* **Assigned task**
The word to look for is "CIRCLE". Report every line of the entries below that has it.

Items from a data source
######
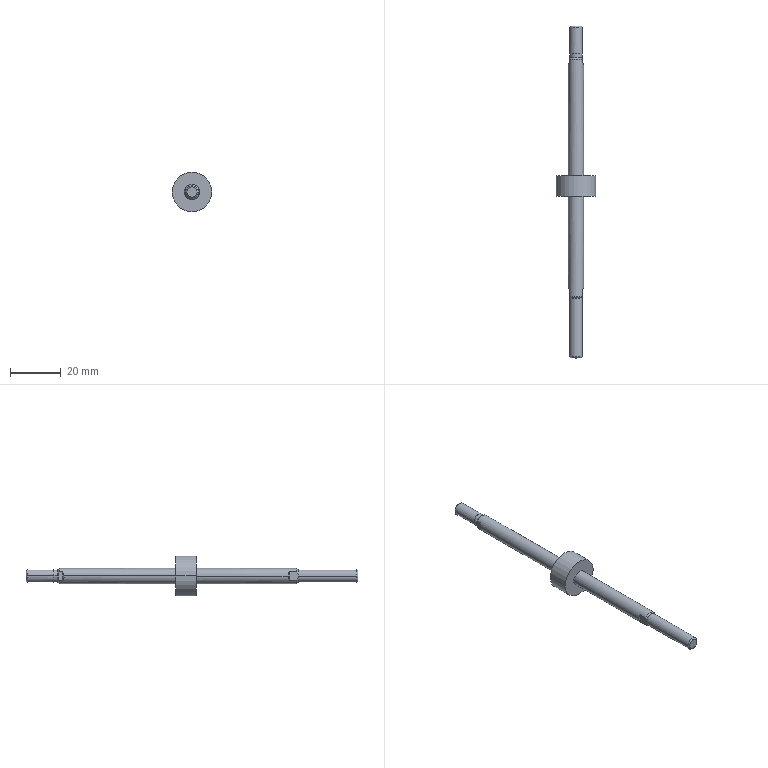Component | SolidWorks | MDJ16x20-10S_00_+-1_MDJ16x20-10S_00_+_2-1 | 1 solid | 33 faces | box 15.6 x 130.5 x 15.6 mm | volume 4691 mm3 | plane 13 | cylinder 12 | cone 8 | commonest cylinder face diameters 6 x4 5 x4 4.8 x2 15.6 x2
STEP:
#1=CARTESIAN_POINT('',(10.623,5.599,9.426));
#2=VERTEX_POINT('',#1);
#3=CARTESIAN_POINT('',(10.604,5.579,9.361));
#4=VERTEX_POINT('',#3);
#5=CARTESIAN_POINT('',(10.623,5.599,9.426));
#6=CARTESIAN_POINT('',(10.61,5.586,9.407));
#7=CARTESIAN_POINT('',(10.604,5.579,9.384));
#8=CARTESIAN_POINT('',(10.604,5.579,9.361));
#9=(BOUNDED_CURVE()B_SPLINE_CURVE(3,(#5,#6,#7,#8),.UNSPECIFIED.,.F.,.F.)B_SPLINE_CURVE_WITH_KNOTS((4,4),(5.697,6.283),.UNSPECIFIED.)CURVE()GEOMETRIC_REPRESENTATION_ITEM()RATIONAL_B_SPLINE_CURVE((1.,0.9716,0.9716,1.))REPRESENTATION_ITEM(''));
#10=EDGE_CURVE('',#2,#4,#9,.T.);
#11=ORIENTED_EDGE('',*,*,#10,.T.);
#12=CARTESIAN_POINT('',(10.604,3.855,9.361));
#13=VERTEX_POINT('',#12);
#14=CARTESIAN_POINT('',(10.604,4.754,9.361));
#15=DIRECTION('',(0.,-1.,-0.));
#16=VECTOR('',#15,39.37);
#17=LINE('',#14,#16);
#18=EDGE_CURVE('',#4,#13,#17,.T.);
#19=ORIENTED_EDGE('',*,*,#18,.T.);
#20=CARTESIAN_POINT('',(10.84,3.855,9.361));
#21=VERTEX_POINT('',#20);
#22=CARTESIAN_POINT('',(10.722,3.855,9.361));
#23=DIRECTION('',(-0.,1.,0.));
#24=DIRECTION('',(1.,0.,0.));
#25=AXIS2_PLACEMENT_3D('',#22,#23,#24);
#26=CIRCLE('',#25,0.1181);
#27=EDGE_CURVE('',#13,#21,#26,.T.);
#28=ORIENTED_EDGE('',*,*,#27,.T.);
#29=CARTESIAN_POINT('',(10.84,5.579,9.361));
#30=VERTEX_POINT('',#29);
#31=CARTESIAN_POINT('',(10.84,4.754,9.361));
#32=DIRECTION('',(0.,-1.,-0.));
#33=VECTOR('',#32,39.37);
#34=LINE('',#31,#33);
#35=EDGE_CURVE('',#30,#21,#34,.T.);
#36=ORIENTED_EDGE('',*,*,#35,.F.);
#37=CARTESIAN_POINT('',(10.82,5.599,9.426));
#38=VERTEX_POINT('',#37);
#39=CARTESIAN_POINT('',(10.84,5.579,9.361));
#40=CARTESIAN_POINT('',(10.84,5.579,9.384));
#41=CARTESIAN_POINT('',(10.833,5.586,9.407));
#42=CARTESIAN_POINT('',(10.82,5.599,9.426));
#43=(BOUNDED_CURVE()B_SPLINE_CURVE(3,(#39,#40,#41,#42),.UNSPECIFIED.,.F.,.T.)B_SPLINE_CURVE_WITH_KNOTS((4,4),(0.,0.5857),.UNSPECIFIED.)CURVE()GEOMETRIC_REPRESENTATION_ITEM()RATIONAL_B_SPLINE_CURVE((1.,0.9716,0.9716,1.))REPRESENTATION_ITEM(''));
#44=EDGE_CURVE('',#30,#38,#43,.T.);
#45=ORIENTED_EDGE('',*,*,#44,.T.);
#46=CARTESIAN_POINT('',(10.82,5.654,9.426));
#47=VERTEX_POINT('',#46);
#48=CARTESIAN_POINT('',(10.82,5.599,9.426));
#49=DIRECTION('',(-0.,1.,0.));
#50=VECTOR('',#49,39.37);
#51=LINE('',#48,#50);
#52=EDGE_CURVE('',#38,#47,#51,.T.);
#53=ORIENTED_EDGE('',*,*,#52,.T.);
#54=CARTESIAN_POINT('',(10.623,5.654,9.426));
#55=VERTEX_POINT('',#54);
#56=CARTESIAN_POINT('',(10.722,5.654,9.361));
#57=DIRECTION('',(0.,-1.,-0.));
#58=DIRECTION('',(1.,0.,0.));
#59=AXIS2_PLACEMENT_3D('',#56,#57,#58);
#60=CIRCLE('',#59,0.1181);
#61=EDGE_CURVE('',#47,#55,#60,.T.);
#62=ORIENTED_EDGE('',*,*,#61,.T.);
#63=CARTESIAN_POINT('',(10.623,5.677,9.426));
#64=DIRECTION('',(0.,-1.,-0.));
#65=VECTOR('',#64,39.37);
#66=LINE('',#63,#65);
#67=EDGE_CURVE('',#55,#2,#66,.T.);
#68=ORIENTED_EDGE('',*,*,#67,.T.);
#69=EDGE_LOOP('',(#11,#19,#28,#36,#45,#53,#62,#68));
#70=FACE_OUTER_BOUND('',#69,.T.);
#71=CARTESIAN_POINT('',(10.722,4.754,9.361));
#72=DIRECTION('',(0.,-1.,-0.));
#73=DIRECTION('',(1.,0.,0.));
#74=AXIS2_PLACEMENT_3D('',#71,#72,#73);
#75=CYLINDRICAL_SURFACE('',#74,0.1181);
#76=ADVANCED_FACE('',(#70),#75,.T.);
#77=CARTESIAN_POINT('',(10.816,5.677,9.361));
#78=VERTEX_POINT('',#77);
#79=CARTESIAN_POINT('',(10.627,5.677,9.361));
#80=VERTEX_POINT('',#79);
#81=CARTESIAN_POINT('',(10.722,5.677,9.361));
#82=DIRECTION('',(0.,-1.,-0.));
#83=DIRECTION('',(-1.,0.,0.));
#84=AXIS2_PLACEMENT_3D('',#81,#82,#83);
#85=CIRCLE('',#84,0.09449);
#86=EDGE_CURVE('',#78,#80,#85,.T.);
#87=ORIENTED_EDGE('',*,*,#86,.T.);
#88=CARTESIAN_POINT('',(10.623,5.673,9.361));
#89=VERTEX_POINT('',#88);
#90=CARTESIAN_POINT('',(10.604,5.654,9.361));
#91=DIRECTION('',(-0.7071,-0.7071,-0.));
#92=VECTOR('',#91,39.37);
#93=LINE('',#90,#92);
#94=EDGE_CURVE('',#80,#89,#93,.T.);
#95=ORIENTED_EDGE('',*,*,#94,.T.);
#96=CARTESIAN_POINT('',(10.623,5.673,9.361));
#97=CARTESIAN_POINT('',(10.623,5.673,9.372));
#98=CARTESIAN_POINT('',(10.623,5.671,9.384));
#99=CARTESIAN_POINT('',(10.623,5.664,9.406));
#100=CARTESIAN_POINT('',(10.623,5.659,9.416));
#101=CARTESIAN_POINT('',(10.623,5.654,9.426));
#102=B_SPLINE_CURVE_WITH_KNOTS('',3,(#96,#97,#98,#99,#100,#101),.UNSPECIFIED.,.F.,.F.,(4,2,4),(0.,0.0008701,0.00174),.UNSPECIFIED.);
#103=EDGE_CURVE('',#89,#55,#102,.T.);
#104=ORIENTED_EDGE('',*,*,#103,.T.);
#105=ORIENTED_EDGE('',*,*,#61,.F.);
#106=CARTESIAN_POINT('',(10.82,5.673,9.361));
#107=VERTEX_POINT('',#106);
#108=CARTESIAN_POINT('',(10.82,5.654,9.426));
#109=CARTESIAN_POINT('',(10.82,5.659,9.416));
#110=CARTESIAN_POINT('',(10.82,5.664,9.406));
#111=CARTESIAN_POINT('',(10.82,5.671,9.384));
######
* **Response**
#26=CIRCLE('',#25,0.1181);
#60=CIRCLE('',#59,0.1181);
#85=CIRCLE('',#84,0.09449);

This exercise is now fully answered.